> [Your goal]:
Within the data that follows, set down exactly the lines from the one containing "#61=CARTESIAN_POINT('',(109.,-125.,16.));" through the one containing "#87=ORIENTED_EDGE('',*,*,#86,.F.);", both ends included.

> [Working data]:

= Beginning of Section =

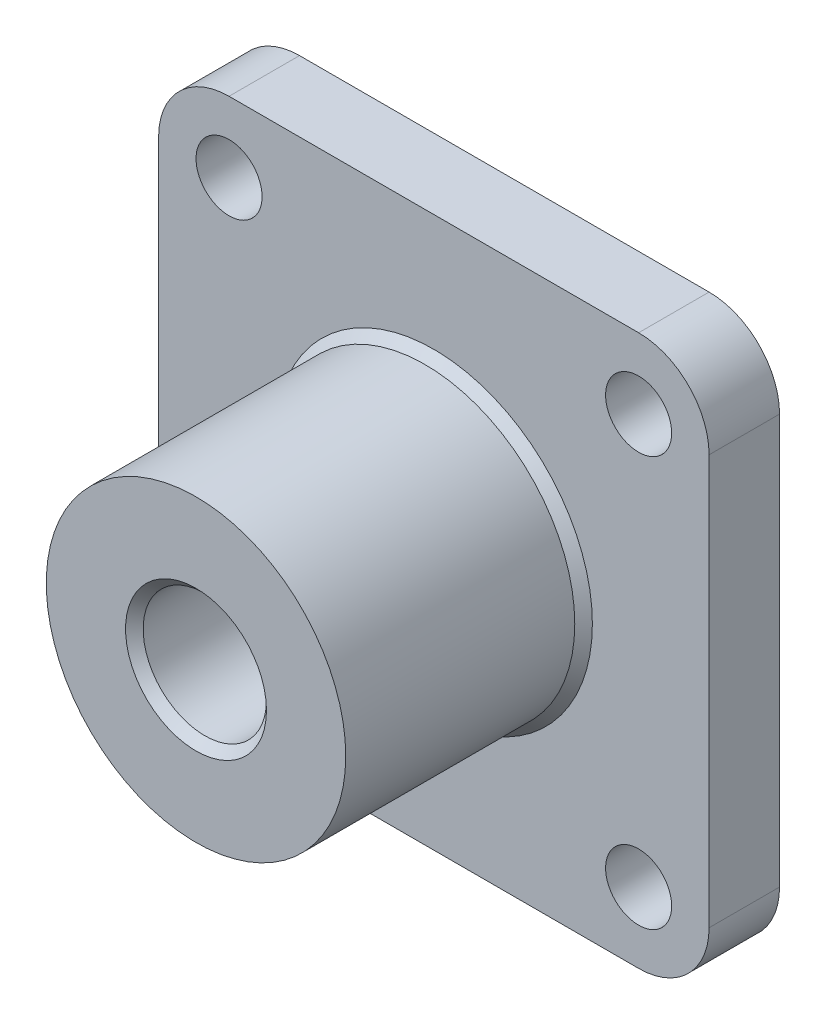
ISO-10303-21;
HEADER;
FILE_DESCRIPTION(('STEP AP214'),'2;1');
FILE_NAME('part.step','',(''),(''),'','','');
FILE_SCHEMA(('AUTOMOTIVE_DESIGN { 1 0 10303 214 1 1 1 1 }'));
ENDSEC;
DATA;
#1=APPLICATION_CONTEXT('core data for automotive mechanical design processes');
#2=APPLICATION_PROTOCOL_DEFINITION('international standard','automotive_design',2000,#1);
#3=PRODUCT_CONTEXT('',#1,'mechanical');
#4=PRODUCT('Part','Part','',(#3));
#5=PRODUCT_RELATED_PRODUCT_CATEGORY('part','',(#4));
#6=PRODUCT_DEFINITION_FORMATION('','',#4);
#7=PRODUCT_DEFINITION_CONTEXT('part definition',#1,'design');
#8=PRODUCT_DEFINITION('design','',#6,#7);
#9=PRODUCT_DEFINITION_SHAPE('','',#8);
#10=(LENGTH_UNIT() NAMED_UNIT(*) SI_UNIT(.MILLI.,.METRE.));
#11=(NAMED_UNIT(*) PLANE_ANGLE_UNIT() SI_UNIT($,.RADIAN.));
#12=(NAMED_UNIT(*) SI_UNIT($,.STERADIAN.) SOLID_ANGLE_UNIT());
#13=UNCERTAINTY_MEASURE_WITH_UNIT(LENGTH_MEASURE(1.E-05),#10,'distance_accuracy_value','');
#14=(GEOMETRIC_REPRESENTATION_CONTEXT(3) GLOBAL_UNCERTAINTY_ASSIGNED_CONTEXT((#13)) GLOBAL_UNIT_ASSIGNED_CONTEXT((#10,
#11,#12)) REPRESENTATION_CONTEXT('',''));
#15=CARTESIAN_POINT('',(0.,0.,0.));
#16=DIRECTION('',(0.,0.,1.));
#17=DIRECTION('',(1.,0.,0.));
#18=AXIS2_PLACEMENT_3D('',#15,#16,#17);
#19=CARTESIAN_POINT('',(16.,-109.,16.));
#20=DIRECTION('',(0.,0.,-1.));
#21=DIRECTION('',(-1.,0.,0.));
#22=AXIS2_PLACEMENT_3D('',#19,#20,#21);
#23=CYLINDRICAL_SURFACE('',#22,16.);
#24=CARTESIAN_POINT('',(16.,-109.,0.));
#25=DIRECTION('',(0.,0.,1.));
#26=DIRECTION('',(1.,0.,0.));
#27=AXIS2_PLACEMENT_3D('',#24,#25,#26);
#28=CIRCLE('',#27,16.);
#29=CARTESIAN_POINT('',(0.,-109.,0.));
#30=VERTEX_POINT('',#29);
#31=CARTESIAN_POINT('',(16.0000000000001,-125.,0.));
#32=VERTEX_POINT('',#31);
#33=EDGE_CURVE('E148',#30,#32,#28,.T.);
#34=ORIENTED_EDGE('',*,*,#33,.T.);
#35=DIRECTION('',(0.,0.,-1.));
#36=VECTOR('',#35,1.);
#37=CARTESIAN_POINT('',(16.0000000000001,-125.,16.));
#38=LINE('',#37,#36);
#39=CARTESIAN_POINT('',(16.0000000000001,-125.,16.));
#40=VERTEX_POINT('',#39);
#41=EDGE_CURVE('E174',#40,#32,#38,.T.);
#42=ORIENTED_EDGE('',*,*,#41,.F.);
#43=CARTESIAN_POINT('',(16.,-109.,16.));
#44=DIRECTION('',(0.,0.,1.));
#45=DIRECTION('',(1.,0.,0.));
#46=AXIS2_PLACEMENT_3D('',#43,#44,#45);
#47=CIRCLE('',#46,16.);
#48=CARTESIAN_POINT('',(0.,-109.,16.));
#49=VERTEX_POINT('',#48);
#50=EDGE_CURVE('E161',#49,#40,#47,.T.);
#51=ORIENTED_EDGE('',*,*,#50,.F.);
#52=DIRECTION('',(0.,0.,-1.));
#53=VECTOR('',#52,1.);
#54=CARTESIAN_POINT('',(0.,-109.,16.));
#55=LINE('',#54,#53);
#56=EDGE_CURVE('E142',#49,#30,#55,.T.);
#57=ORIENTED_EDGE('',*,*,#56,.T.);
#58=EDGE_LOOP('',(#34,#42,#51,#57));
#59=FACE_BOUND('',#58,.T.);
#60=ADVANCED_FACE('F50',(#59),#23,.T.);
#61=CARTESIAN_POINT('',(109.,-125.,16.));
#62=DIRECTION('',(0.,1.,0.));
#63=DIRECTION('',(0.,0.,1.));
#64=AXIS2_PLACEMENT_3D('',#61,#62,#63);
#65=PLANE('',#64);
#66=DIRECTION('',(1.,0.,0.));
#67=VECTOR('',#66,1.);
#68=CARTESIAN_POINT('',(109.,-125.,0.));
#69=LINE('',#68,#67);
#70=CARTESIAN_POINT('',(109.,-125.,0.));
#71=VERTEX_POINT('',#70);
#72=EDGE_CURVE('E149',#32,#71,#69,.T.);
#73=ORIENTED_EDGE('',*,*,#72,.T.);
#74=DIRECTION('',(0.,0.,-1.));
#75=VECTOR('',#74,1.);
#76=CARTESIAN_POINT('',(109.,-125.,16.));
#77=LINE('',#76,#75);
#78=CARTESIAN_POINT('',(109.,-125.,16.));
#79=VERTEX_POINT('',#78);
#80=EDGE_CURVE('E172',#79,#71,#77,.T.);
#81=ORIENTED_EDGE('',*,*,#80,.F.);
#82=DIRECTION('',(1.,0.,0.));
#83=VECTOR('',#82,1.);
#84=CARTESIAN_POINT('',(109.,-125.,16.));
#85=LINE('',#84,#83);
#86=EDGE_CURVE('E108',#40,#79,#85,.T.);
#87=ORIENTED_EDGE('',*,*,#86,.F.);
#88=ORIENTED_EDGE('',*,*,#41,.T.);
#89=EDGE_LOOP('',(#73,#81,#87,#88));
#90=FACE_BOUND('',#89,.T.);
#91=ADVANCED_FACE('F197',(#90),#65,.F.);
#92=CARTESIAN_POINT('',(109.,-109.,16.));
#93=DIRECTION('',(0.,0.,-1.));
#94=DIRECTION('',(-1.,0.,0.));
#95=AXIS2_PLACEMENT_3D('',#92,#93,#94);
#96=CYLINDRICAL_SURFACE('',#95,16.);
#97=CARTESIAN_POINT('',(109.,-109.,0.));
#98=DIRECTION('',(0.,0.,1.));
#99=DIRECTION('',(1.,0.,0.));
#100=AXIS2_PLACEMENT_3D('',#97,#98,#99);
#101=CIRCLE('',#100,16.);
#102=CARTESIAN_POINT('',(125.,-109.,0.));
#103=VERTEX_POINT('',#102);
#104=EDGE_CURVE('E155',#71,#103,#101,.T.);
#105=ORIENTED_EDGE('',*,*,#104,.T.);
#106=DIRECTION('',(0.,0.,-1.));
#107=VECTOR('',#106,1.);
#108=CARTESIAN_POINT('',(125.,-109.,16.));
#109=LINE('',#108,#107);
#110=CARTESIAN_POINT('',(125.,-109.,16.));
#111=VERTEX_POINT('',#110);
#112=EDGE_CURVE('E169',#111,#103,#109,.T.);
#113=ORIENTED_EDGE('',*,*,#112,.F.);
#114=CARTESIAN_POINT('',(109.,-109.,16.));
#115=DIRECTION('',(0.,0.,1.));
#116=DIRECTION('',(1.,0.,0.));
#117=AXIS2_PLACEMENT_3D('',#114,#115,#116);
#118=CIRCLE('',#117,16.);
#119=EDGE_CURVE('E263',#79,#111,#118,.T.);
#120=ORIENTED_EDGE('',*,*,#119,.F.);
#121=ORIENTED_EDGE('',*,*,#80,.T.);
#122=EDGE_LOOP('',(#105,#113,#120,#121));
#123=FACE_BOUND('',#122,.T.);
#124=ADVANCED_FACE('F201',(#123),#96,.T.);
#125=CARTESIAN_POINT('',(125.,-16.0000000000001,16.));
#126=DIRECTION('',(-1.,0.,0.));
#127=DIRECTION('',(0.,0.,1.));
#128=AXIS2_PLACEMENT_3D('',#125,#126,#127);
#129=PLANE('',#128);
#130=DIRECTION('',(0.,1.,0.));
#131=VECTOR('',#130,1.);
#132=CARTESIAN_POINT('',(125.,-16.0000000000001,0.));
#133=LINE('',#132,#131);
#134=CARTESIAN_POINT('',(125.,-16.0000000000001,0.));
#135=VERTEX_POINT('',#134);
#136=EDGE_CURVE('E152',#103,#135,#133,.T.);
#137=ORIENTED_EDGE('',*,*,#136,.T.);
#138=DIRECTION('',(0.,0.,-1.));
#139=VECTOR('',#138,1.);
#140=CARTESIAN_POINT('',(125.,-16.0000000000001,16.));
#141=LINE('',#140,#139);
#142=CARTESIAN_POINT('',(125.,-16.0000000000001,16.));
#143=VERTEX_POINT('',#142);
#144=EDGE_CURVE('E164',#143,#135,#141,.T.);
#145=ORIENTED_EDGE('',*,*,#144,.F.);
#146=DIRECTION('',(0.,1.,0.));
#147=VECTOR('',#146,1.);
#148=CARTESIAN_POINT('',(125.,-16.0000000000001,16.));
#149=LINE('',#148,#147);
#150=EDGE_CURVE('E264',#111,#143,#149,.T.);
#151=ORIENTED_EDGE('',*,*,#150,.F.);
#152=ORIENTED_EDGE('',*,*,#112,.T.);
#153=EDGE_LOOP('',(#137,#145,#151,#152));
#154=FACE_BOUND('',#153,.T.);
#155=ADVANCED_FACE('F271',(#154),#129,.F.);
#156=CARTESIAN_POINT('',(109.,-16.,16.));
#157=DIRECTION('',(0.,0.,-1.));
#158=DIRECTION('',(-1.,0.,0.));
#159=AXIS2_PLACEMENT_3D('',#156,#157,#158);
#160=CYLINDRICAL_SURFACE('',#159,16.);
#161=CARTESIAN_POINT('',(109.,-16.,0.));
#162=DIRECTION('',(0.,0.,1.));
#163=DIRECTION('',(1.,0.,0.));
#164=AXIS2_PLACEMENT_3D('',#161,#162,#163);
#165=CIRCLE('',#164,16.);
#166=CARTESIAN_POINT('',(109.,0.,0.));
#167=VERTEX_POINT('',#166);
#168=EDGE_CURVE('E156',#135,#167,#165,.T.);
#169=ORIENTED_EDGE('',*,*,#168,.T.);
#170=DIRECTION('',(0.,0.,-1.));
#171=VECTOR('',#170,1.);
#172=CARTESIAN_POINT('',(109.,0.,16.));
#173=LINE('',#172,#171);
#174=CARTESIAN_POINT('',(109.,0.,16.));
#175=VERTEX_POINT('',#174);
#176=EDGE_CURVE('E136',#175,#167,#173,.T.);
#177=ORIENTED_EDGE('',*,*,#176,.F.);
#178=CARTESIAN_POINT('',(109.,-16.,16.));
#179=DIRECTION('',(0.,0.,1.));
#180=DIRECTION('',(1.,0.,0.));
#181=AXIS2_PLACEMENT_3D('',#178,#179,#180);
#182=CIRCLE('',#181,16.);
#183=EDGE_CURVE('E126',#143,#175,#182,.T.);
#184=ORIENTED_EDGE('',*,*,#183,.F.);
#185=ORIENTED_EDGE('',*,*,#144,.T.);
#186=EDGE_LOOP('',(#169,#177,#184,#185));
#187=FACE_BOUND('',#186,.T.);
#188=ADVANCED_FACE('F274',(#187),#160,.T.);
#189=CARTESIAN_POINT('',(16.0000000000001,0.,16.));
#190=DIRECTION('',(0.,-1.,0.));
#191=DIRECTION('',(0.,0.,-1.));
#192=AXIS2_PLACEMENT_3D('',#189,#190,#191);
#193=PLANE('',#192);
#194=DIRECTION('',(-1.,0.,0.));
#195=VECTOR('',#194,1.);
#196=CARTESIAN_POINT('',(16.0000000000001,0.,0.));
#197=LINE('',#196,#195);
#198=CARTESIAN_POINT('',(16.0000000000001,0.,0.));
#199=VERTEX_POINT('',#198);
#200=EDGE_CURVE('E139',#167,#199,#197,.T.);
#201=ORIENTED_EDGE('',*,*,#200,.T.);
#202=DIRECTION('',(0.,0.,-1.));
#203=VECTOR('',#202,1.);
#204=CARTESIAN_POINT('',(16.0000000000001,0.,16.));
#205=LINE('',#204,#203);
#206=CARTESIAN_POINT('',(16.0000000000001,0.,16.));
#207=VERTEX_POINT('',#206);
#208=EDGE_CURVE('E133',#207,#199,#205,.T.);
#209=ORIENTED_EDGE('',*,*,#208,.F.);
#210=DIRECTION('',(-1.,0.,0.));
#211=VECTOR('',#210,1.);
#212=CARTESIAN_POINT('',(16.0000000000001,0.,16.));
#213=LINE('',#212,#211);
#214=EDGE_CURVE('E121',#175,#207,#213,.T.);
#215=ORIENTED_EDGE('',*,*,#214,.F.);
#216=ORIENTED_EDGE('',*,*,#176,.T.);
#217=EDGE_LOOP('',(#201,#209,#215,#216));
#218=FACE_BOUND('',#217,.T.);
#219=ADVANCED_FACE('F134',(#218),#193,.F.);
#220=CARTESIAN_POINT('',(16.,-16.,16.));
#221=DIRECTION('',(0.,0.,-1.));
#222=DIRECTION('',(-1.,0.,0.));
#223=AXIS2_PLACEMENT_3D('',#220,#221,#222);
#224=CYLINDRICAL_SURFACE('',#223,16.);
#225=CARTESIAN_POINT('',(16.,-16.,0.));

= End of Section =

> [Exercise answer]:
#61=CARTESIAN_POINT('',(109.,-125.,16.));
#62=DIRECTION('',(0.,1.,0.));
#63=DIRECTION('',(0.,0.,1.));
#64=AXIS2_PLACEMENT_3D('',#61,#62,#63);
#65=PLANE('',#64);
#66=DIRECTION('',(1.,0.,0.));
#67=VECTOR('',#66,1.);
#68=CARTESIAN_POINT('',(109.,-125.,0.));
#69=LINE('',#68,#67);
#70=CARTESIAN_POINT('',(109.,-125.,0.));
#71=VERTEX_POINT('',#70);
#72=EDGE_CURVE('E149',#32,#71,#69,.T.);
#73=ORIENTED_EDGE('',*,*,#72,.T.);
#74=DIRECTION('',(0.,0.,-1.));
#75=VECTOR('',#74,1.);
#76=CARTESIAN_POINT('',(109.,-125.,16.));
#77=LINE('',#76,#75);
#78=CARTESIAN_POINT('',(109.,-125.,16.));
#79=VERTEX_POINT('',#78);
#80=EDGE_CURVE('E172',#79,#71,#77,.T.);
#81=ORIENTED_EDGE('',*,*,#80,.F.);
#82=DIRECTION('',(1.,0.,0.));
#83=VECTOR('',#82,1.);
#84=CARTESIAN_POINT('',(109.,-125.,16.));
#85=LINE('',#84,#83);
#86=EDGE_CURVE('E108',#40,#79,#85,.T.);
#87=ORIENTED_EDGE('',*,*,#86,.F.);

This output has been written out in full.